══ Data shown
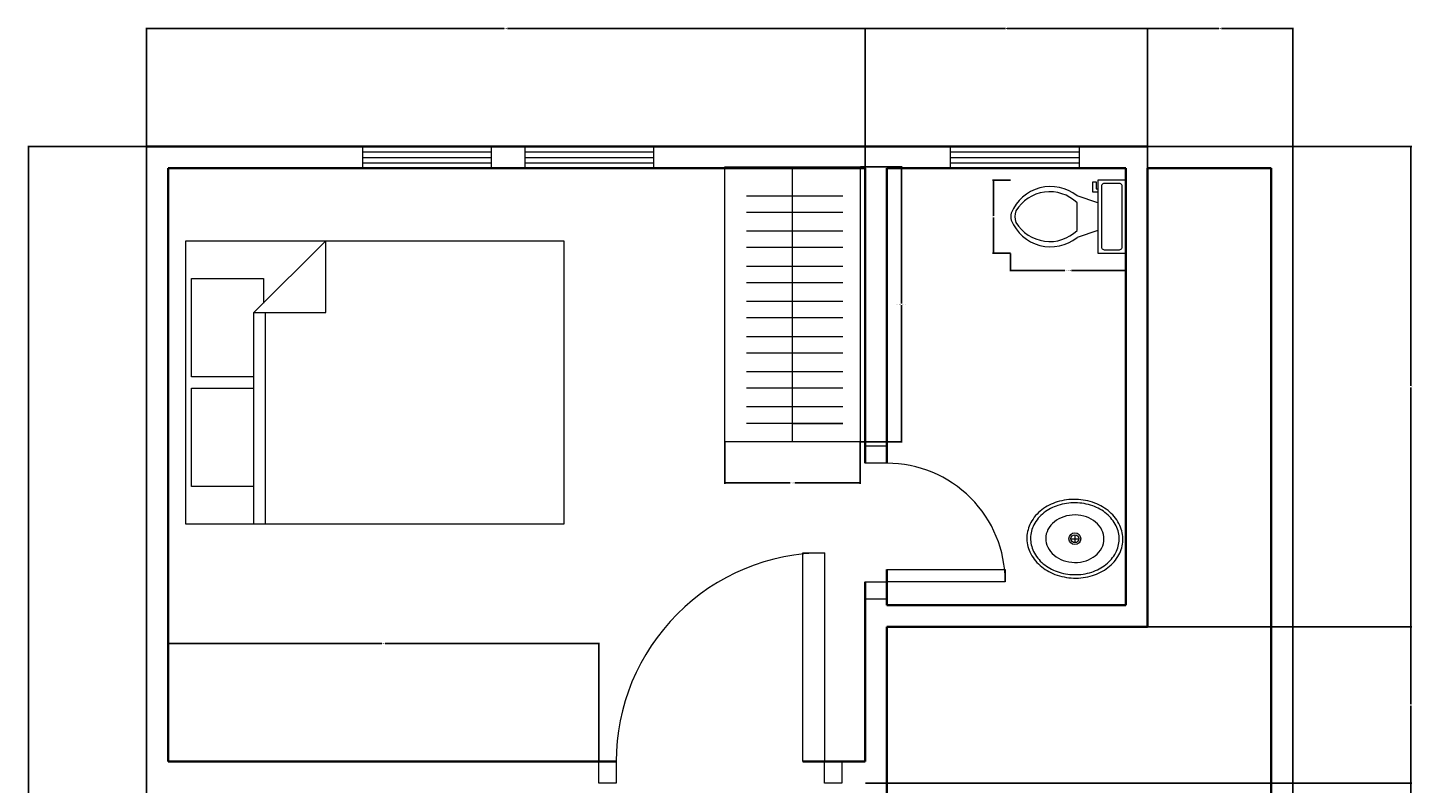
# Model space of a CAD drawing. Units: feet. Extents: x 2306 to 3052, y 829 to 1424.
# Tile 3 of 5: x 2306 to 2625, y 1250 to 1424. Entities that reach past the tile are written whole.
import ezdxf

# ---------------------------------------------------------------- set-up
doc = ezdxf.new("R2010")
doc.units = ezdxf.units.FT
for name, color, linetype, lineweight in [('A-ANNO-DIMS', 2, 'Continuous', 18), ('A-DOOR', 3, 'Continuous', 18), ('A-FLOR-FIXT', 9, 'Continuous', 18), ('A-FLOR-OTLN', 7, 'Continuous', 25), ('A-FURN', 8, 'Continuous', 13), ('A-GLAZ', 4, 'Continuous', 18), ('A-WALL', 7, 'Continuous', 35)]:
    doc.layers.add(name, color=color, linetype=linetype, lineweight=lineweight)
doc.styles.get("Standard").update_dxf_attribs({"font": 'arial.ttf'})
doc.dimstyles.get("Standard").update_dxf_attribs({"dimtxt": 0.18, "dimasz": 0.18, "dimexe": 0.18, "dimexo": 0.0625, "dimgap": 0.09, "dimtad": 0, "dimtih": 1, "dimtoh": 1, "dimdec": 4, "dimzin": 0, "dimdsep": 46, "dimlunit": 4, "dimtxsty": 'Standard', "dimcen": 0.09, "dimadec": 0, "dimazin": 0, "dimtfac": 1, "dimtdec": 4, "dimtofl": 0, "dimtmove": 0, "dimatfit": 3, "dimfxl": 1, "dimtolj": 1, "dimtzin": 0, "dimarcsym": 0})

# ---------------------------------------------------------------- blocks, each defined once
blk = doc.blocks.new('Window - Wood Frame 36 in. Wide plan')
for p, q in [((0, 6), (0, 0)), ((0, 4.5), (36, 4.5)), ((36, 6), (36, 0)), ((0, 3), (36, 3)), ((0, 1.5), (36, 1.5))]:
    blk.add_line(p, q)
blk = doc.blocks.new('Bed - Queen')
for p, q in [((0, -80.00003), (0, 0)), ((0, 0), (59.99999, 0)), ((59.99999, 0), (59.99999, -80.00003)), ((7.99999, -1.2), (28.79998, -1.2)), ((7.99999, -14.4), (7.99999, -1.2)), ((28.79998, -1.2), (28.79998, -14.4)), ((31.19999, -1.2), (51.99999, -1.2)), ((31.19999, -14.4), (31.19999, -1.2)), ((51.99999, -1.2), (51.99999, -16.4)), ((0, -14.4), (44.8, -14.4)), ((59.99999, -29.6), (44.8, -14.4)), ((44.8, -14.4), (44.8, -29.6)), ((44.8, -16.8), (0, -16.8)), ((51.99999, -16.4), (46.79936, -16.4)), ((44.8, -29.6), (59.99999, -29.6)), ((59.99999, -80.00003), (0, -80.00003))]:
    blk.add_line(p, q)
blk = doc.blocks.new('Toilet - top')
for p, q in [((9.5, -6), (9.5, -2)), ((-10, -8.5), (-8, -8.5)), ((-10, -9.5), (-10, -8.5)), ((-7, -9.5), (-10, -9.5)), ((-8, -8.5), (-8, -8)), ((-7, -8), (-7, -9.5)), ((-4, -8), (-6, -14)), ((4, -8), (6, -14)), ((4, -14), (-4, -14))]:
    blk.add_line(p, q)
blk.add_lwpolyline([(10.5, -8), (10.5, 0), (-10.5, 0), (-10.5, -8)], close=True)
for points in [[(-9.5, -2), (-9.5, -6)], [(8.5, -1), (-8.5, -1)], [(-8.5, -7), (8.5, -7)]]:
    blk.add_lwpolyline(points)
for centre, radius, start, end in [((-8.62, -1.88), 0.884, 81.8699, 188.1301), ((8.62, -1.88), 0.884, 351.8699, 98.1301), ((-8.62, -6.12), 0.884, 171.8699, 278.1301), ((8.62, -6.12), 0.884, 261.8699, 8.1301), ((3.52, -21.58), 12.17, 141.4691, 247.9714), ((4.2, -21.82), 11.33, 136.3677, 238.9468), ((-3.52, -21.58), 12.17, 292.0284, 38.5307), ((-4.2, -21.82), 11.33, 301.053, 43.6321), ((0, -27.88), 4, 245.7318, 294.2682), ((0, -29), 4, 254.8605, 285.1395)]:
    blk.add_arc(centre, radius, start, end)
blk = doc.blocks.new('Sink - Oval top')
for p, q in [((-1, 0), (1, 0)), ((0, 1), (0, -1))]:
    blk.add_line(p, q)
for points in [[(-12.23, 0.39, 0.117634), (-11.46, -3.36, 0.104469), (-8.88, -6.8, 0.090016), (-5.08, -9.07, 0.08192), (-0.32, -10.02, 0.08192), (4.49, -9.38, 0.090016), (8.42, -7.36, 0.104469), (11.22, -4.09, 0.117634), (12.23, -0.39, 0.117634), (11.46, 3.36, 0.104469), (8.88, 6.8, 0.090016), (5.08, 9.07, 0.08192), (0.32, 10.02, 0.08192), (-4.49, 9.38, 0.090016), (-8.42, 7.36, 0.104469), (-11.22, 4.09, 0.117634)], [(-11.29, 0.16, 0.118622), (-10.52, -3.25, 0.104678), (-8.07, -6.36, 0.089562), (-4.54, -8.37, 0.081185), (-0.13, -9.15, 0.081185), (4.3, -8.49, 0.089562), (7.89, -6.58, 0.104678), (10.42, -3.55, 0.118622), (11.29, -0.16, 0.118622), (10.52, 3.25, 0.104678), (8.07, 6.36, 0.089562), (4.54, 8.37, 0.081185), (0.13, 9.15, 0.081185), (-4.3, 8.49, 0.089562), (-7.89, 6.58, 0.104678), (-10.42, 3.55, 0.118622)], [(-7.42, 0.08, 0.118283), (-6.91, -2.17, 0.104607), (-5.29, -4.21, 0.089718), (-2.97, -5.53, 0.081436), (-0.07, -6.04, 0.081436), (2.84, -5.59, 0.089718), (5.2, -4.33, 0.104607), (6.86, -2.32, 0.118283), (7.42, -0.08, 0.118283), (6.91, 2.17, 0.104607), (5.29, 4.21, 0.089718), (2.97, 5.53, 0.081436), (0.07, 6.04, 0.081436), (-2.84, 5.59, 0.089718), (-5.2, 4.33, 0.104607), (-6.86, 2.32, 0.118283)]]:
    blk.add_lwpolyline(points, format="xyb", close=True)
for radius in [1.5, 1]:
    blk.add_circle((0, 0), radius)
blk = doc.blocks.new('DOOR-SWING-WIDE')
blk.add_lwpolyline([(52, 53), (52, 5), (56, 5), (56, 0), (52, 0), (52, 5), (47, 5), (47, 53), (48, 53), (52, 53, 0.414214), (4, 5)], format="xyb")
blk.add_lwpolyline([(4, 5), (4, 0), (0, 0), (0, 5)], close=True)
blk = doc.blocks.new('DOOR-SWING-STANDARD')
blk.add_lwpolyline([(4.02, 32.25), (4.02, 5), (1.75, 5)])
blk.add_lwpolyline([(4.02, 5), (6.86, 5), (6.86, 32.25), (6.29, 32.25), (4.02, 32.25, -0.414214), (31.27, 5)], format="xyb")
for points in [[(0, 5), (0, 0), (4, 0), (4, 5)], [(31.27, 5), (31.27, 0), (35.27, 0), (35.27, 5)]]:
    blk.add_lwpolyline(points, close=True)
blk = doc.blocks.new('WARDROBE-PLAN')
for p, q in [((0, 0), (0, 63.25)), ((0, 63.25), (8.03, 63.25)), ((2.89, 63.25), (31.17, 63.25)), ((15.59, 0), (15.59, 63.25)), ((31.17, 63.25), (31.17, 0)), ((27.14, 56.53), (4.98, 56.53)), ((27.14, 52.77), (4.98, 52.77)), ((27.14, 48.44), (4.98, 48.44)), ((27.14, 44.68), (4.98, 44.68)), ((27.14, 40.35), (4.98, 40.35)), ((27.14, 36.59), (4.98, 36.59)), ((27.14, 32.26), (4.98, 32.26)), ((27.14, 28.49), (4.98, 28.49)), ((27.14, 24.17), (4.98, 24.17)), ((27.14, 20.4), (4.98, 20.4)), ((27.14, 16.08), (4.98, 16.08)), ((27.14, 12.31), (4.98, 12.31)), ((27.14, 7.99), (4.98, 7.99)), ((27.14, 4.22), (4.98, 4.22)), ((15.59, 4.22), (27.14, 4.22)), ((31.17, 0), (0, 0))]:
    blk.add_line(p, q)
blk = doc.blocks.new('*D26')
at = {"layer": 'A-ANNO-DIMS', "color": 0, "lineweight": -2, "transparency": 16777216}
for p, q in [((2532.79, 1372.22), (2532.79, 1368.13)), ((2559.3, 1372.22), (2559.3, 1368.13)), ((2532.97, 1368.31), (2545.27, 1368.31)), ((2559.12, 1368.31), (2546.82, 1368.31))]:
    blk.add_line(p, q, dxfattribs=at)
at = {"layer": 'A-ANNO-DIMS', "color": 0, "transparency": 16777216}
for points in [[(2532.97, 1368.34), (2532.97, 1368.28), (2532.79, 1368.31)], [(2559.12, 1368.34), (2559.12, 1368.28), (2559.3, 1368.31)]]:
    blk.add_solid(points, dxfattribs=at)
at = {"layer": 'Defpoints', "color": 0, "transparency": 16777216}
for p in [(2532.79, 1372.28), (2559.3, 1372.28), (2559.3, 1368.31)]:
    blk.add_point(p, dxfattribs=at)
at = {"layer": 'A-ANNO-DIMS', "color": 0, "transparency": 16777216, "insert": (2546.05, 1368.31), "char_height": 0.18, "attachment_point": 5}
blk.add_mtext('\\A1;WC 27 TYP.', dxfattribs=at)
blk = doc.blocks.new('*D27')
at = {"layer": 'A-ANNO-DIMS', "color": 0, "lineweight": -2, "transparency": 16777216}
for p, q in [((2532.73, 1389.13), (2528.63, 1389.13)), ((2528.81, 1388.95), (2528.81, 1380.89)), ((2528.81, 1372.46), (2528.81, 1380.53)), ((2532.73, 1372.28), (2528.63, 1372.28))]:
    blk.add_line(p, q, dxfattribs=at)
at = {"layer": 'A-ANNO-DIMS', "color": 0, "transparency": 16777216}
for points in [[(2528.78, 1388.95), (2528.84, 1388.95), (2528.81, 1389.13)], [(2528.78, 1372.46), (2528.84, 1372.46), (2528.81, 1372.28)]]:
    blk.add_solid(points, dxfattribs=at)
at = {"layer": 'Defpoints', "color": 0, "transparency": 16777216}
for p in [(2532.79, 1389.13), (2528.81, 1372.28), (2532.79, 1372.28)]:
    blk.add_point(p, dxfattribs=at)
at = {"layer": 'A-ANNO-DIMS', "color": 0, "transparency": 16777216, "insert": (2528.81, 1380.71), "char_height": 0.18, "attachment_point": 5}
blk.add_mtext('\\A1;17 TYP.', dxfattribs=at)
blk = doc.blocks.new('*D30')
at = {"layer": 'A-ANNO-DIMS', "color": 0, "lineweight": -2, "transparency": 16777216}
for p, q in [((2498.21, 1392.17), (2507.82, 1392.17)), ((2507.64, 1391.99), (2507.64, 1360.73)), ((2507.64, 1329.1), (2507.64, 1360.36)), ((2498.21, 1328.92), (2507.82, 1328.92))]:
    blk.add_line(p, q, dxfattribs=at)
at = {"layer": 'A-ANNO-DIMS', "color": 0, "transparency": 16777216}
for points in [[(2507.61, 1391.99), (2507.67, 1391.99), (2507.64, 1392.17)], [(2507.61, 1329.1), (2507.67, 1329.1), (2507.64, 1328.92)]]:
    blk.add_solid(points, dxfattribs=at)
at = {"layer": 'Defpoints', "color": 0, "transparency": 16777216}
for p in [(2498.15, 1392.17), (2507.64, 1392.17), (2498.15, 1328.92)]:
    blk.add_point(p, dxfattribs=at)
at = {"layer": 'A-ANNO-DIMS', "color": 0, "transparency": 16777216, "insert": (2507.64, 1360.55), "char_height": 0.18, "attachment_point": 5}
blk.add_mtext('\\A1;WARDROBE 63 TYP.', dxfattribs=at)
blk = doc.blocks.new('*D31')
at = {"layer": 'A-ANNO-DIMS', "color": 0, "lineweight": -2, "transparency": 16777216}
for p, q in [((2466.98, 1328.86), (2466.98, 1319.25)), ((2498.15, 1328.86), (2498.15, 1319.25)), ((2467.16, 1319.43), (2482.04, 1319.43)), ((2497.97, 1319.43), (2483.09, 1319.43))]:
    blk.add_line(p, q, dxfattribs=at)
at = {"layer": 'A-ANNO-DIMS', "color": 0, "transparency": 16777216}
for points in [[(2467.16, 1319.46), (2467.16, 1319.4), (2466.98, 1319.43)], [(2497.97, 1319.46), (2497.97, 1319.4), (2498.15, 1319.43)]]:
    blk.add_solid(points, dxfattribs=at)
at = {"layer": 'Defpoints', "color": 0, "transparency": 16777216}
for p in [(2466.98, 1328.92), (2498.15, 1328.92), (2498.15, 1319.43)]:
    blk.add_point(p, dxfattribs=at)
at = {"layer": 'A-ANNO-DIMS', "color": 0, "transparency": 16777216, "insert": (2482.56, 1319.43), "char_height": 0.18, "attachment_point": 5}
blk.add_mtext('\\A1;31 TYP.', dxfattribs=at)
blk = doc.blocks.new('*D47')
at = {"layer": 'A-ANNO-DIMS', "color": 0, "lineweight": -2, "transparency": 16777216}
for p, q in [((2333.74, 1396.83), (2306.45, 1396.83)), ((2306.63, 1396.65), (2306.63, 1127.01)), ((2306.63, 857.01), (2306.63, 1126.65)), ((2333.74, 856.83), (2306.45, 856.83))]:
    blk.add_line(p, q, dxfattribs=at)
at = {"layer": 'A-ANNO-DIMS', "color": 0, "transparency": 16777216}
for points in [[(2306.6, 1396.65), (2306.66, 1396.65), (2306.63, 1396.83)], [(2306.6, 857.01), (2306.66, 857.01), (2306.63, 856.83)]]:
    blk.add_solid(points, dxfattribs=at)
at = {"layer": 'Defpoints', "color": 0, "transparency": 16777216}
for p in [(2306.63, 1396.83), (2333.8, 1396.83), (2333.8, 856.83)]:
    blk.add_point(p, dxfattribs=at)
at = {"layer": 'A-ANNO-DIMS', "color": 0, "transparency": 16777216, "insert": (2306.63, 1126.83), "char_height": 0.18, "attachment_point": 5}
blk.add_mtext('\\A1;540', dxfattribs=at)
blk = doc.blocks.new('*D51')
at = {"layer": 'A-ANNO-DIMS', "color": 0, "lineweight": -2, "transparency": 16777216}
for p, q in [((2499.37, 1250.33), (2625.16, 1250.33)), ((2624.98, 1250.15), (2624.98, 1220.51)), ((2624.98, 1190.51), (2624.98, 1220.15)), ((2592.87, 1190.33), (2625.16, 1190.33))]:
    blk.add_line(p, q, dxfattribs=at)
at = {"layer": 'A-ANNO-DIMS', "color": 0, "transparency": 16777216}
for points in [[(2624.95, 1250.15), (2625.01, 1250.15), (2624.98, 1250.33)], [(2624.95, 1190.51), (2625.01, 1190.51), (2624.98, 1190.33)]]:
    blk.add_solid(points, dxfattribs=at)
at = {"layer": 'Defpoints', "color": 0, "transparency": 16777216}
for p in [(2499.3, 1250.33), (2624.98, 1250.33), (2592.8, 1190.33)]:
    blk.add_point(p, dxfattribs=at)
at = {"layer": 'A-ANNO-DIMS', "color": 0, "transparency": 16777216, "insert": (2624.98, 1220.33), "char_height": 0.18, "attachment_point": 5}
blk.add_mtext('\\A1;60', dxfattribs=at)
blk = doc.blocks.new('*D52')
at = {"layer": 'A-ANNO-DIMS', "color": 0, "lineweight": -2, "transparency": 16777216}
for p, q in [((2564.37, 1286.33), (2625.16, 1286.33)), ((2624.98, 1286.15), (2624.98, 1268.51)), ((2624.98, 1250.51), (2624.98, 1268.15)), ((2499.37, 1250.33), (2625.16, 1250.33))]:
    blk.add_line(p, q, dxfattribs=at)
at = {"layer": 'A-ANNO-DIMS', "color": 0, "transparency": 16777216}
for points in [[(2624.95, 1286.15), (2625.01, 1286.15), (2624.98, 1286.33)], [(2624.95, 1250.51), (2625.01, 1250.51), (2624.98, 1250.33)]]:
    blk.add_solid(points, dxfattribs=at)
at = {"layer": 'Defpoints', "color": 0, "transparency": 16777216}
for p in [(2564.3, 1286.33), (2624.98, 1286.33), (2499.3, 1250.33)]:
    blk.add_point(p, dxfattribs=at)
at = {"layer": 'A-ANNO-DIMS', "color": 0, "transparency": 16777216, "insert": (2624.98, 1268.33), "char_height": 0.18, "attachment_point": 5}
blk.add_mtext('\\A1;36', dxfattribs=at)
blk = doc.blocks.new('*D53')
at = {"layer": 'A-ANNO-DIMS', "color": 0, "lineweight": -2, "transparency": 16777216}
for p, q in [((2597.87, 1396.83), (2625.16, 1396.83)), ((2624.98, 1396.65), (2624.98, 1341.76)), ((2624.98, 1286.51), (2624.98, 1341.4)), ((2564.37, 1286.33), (2625.16, 1286.33))]:
    blk.add_line(p, q, dxfattribs=at)
at = {"layer": 'A-ANNO-DIMS', "color": 0, "transparency": 16777216}
for points in [[(2624.95, 1396.65), (2625.01, 1396.65), (2624.98, 1396.83)], [(2624.95, 1286.51), (2625.01, 1286.51), (2624.98, 1286.33)]]:
    blk.add_solid(points, dxfattribs=at)
at = {"layer": 'Defpoints', "color": 0, "transparency": 16777216}
for p in [(2597.8, 1396.83), (2624.98, 1396.83), (2564.3, 1286.33)]:
    blk.add_point(p, dxfattribs=at)
at = {"layer": 'A-ANNO-DIMS', "color": 0, "transparency": 16777216, "insert": (2624.98, 1341.58), "char_height": 0.18, "attachment_point": 5}
blk.add_mtext('\\A1;110.5', dxfattribs=at)
blk = doc.blocks.new('*D54')
at = {"layer": 'A-ANNO-DIMS', "color": 0, "lineweight": -2, "transparency": 16777216}
for p, q in [((2333.8, 1396.89), (2333.8, 1424.18)), ((2333.98, 1424), (2416.17, 1424)), ((2499.12, 1424), (2416.94, 1424)), ((2499.3, 1391.89), (2499.3, 1424.18))]:
    blk.add_line(p, q, dxfattribs=at)
at = {"layer": 'A-ANNO-DIMS', "color": 0, "transparency": 16777216}
for points in [[(2333.98, 1424.03), (2333.98, 1423.97), (2333.8, 1424)], [(2499.12, 1424.03), (2499.12, 1423.97), (2499.3, 1424)]]:
    blk.add_solid(points, dxfattribs=at)
at = {"layer": 'Defpoints', "color": 0, "transparency": 16777216}
for p in [(2499.3, 1424), (2333.8, 1396.83), (2499.3, 1391.83)]:
    blk.add_point(p, dxfattribs=at)
at = {"layer": 'A-ANNO-DIMS', "color": 0, "transparency": 16777216, "insert": (2416.55, 1424), "char_height": 0.18, "attachment_point": 5}
blk.add_mtext('\\A1;165.5', dxfattribs=at)
blk = doc.blocks.new('*D55')
at = {"layer": 'A-ANNO-DIMS', "color": 0, "lineweight": -2, "transparency": 16777216}
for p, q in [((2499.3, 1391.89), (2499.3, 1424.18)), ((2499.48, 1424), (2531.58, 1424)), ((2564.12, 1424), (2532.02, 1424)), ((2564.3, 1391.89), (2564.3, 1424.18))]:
════
Count every line in the records that holds "True" and give that count by itself.

4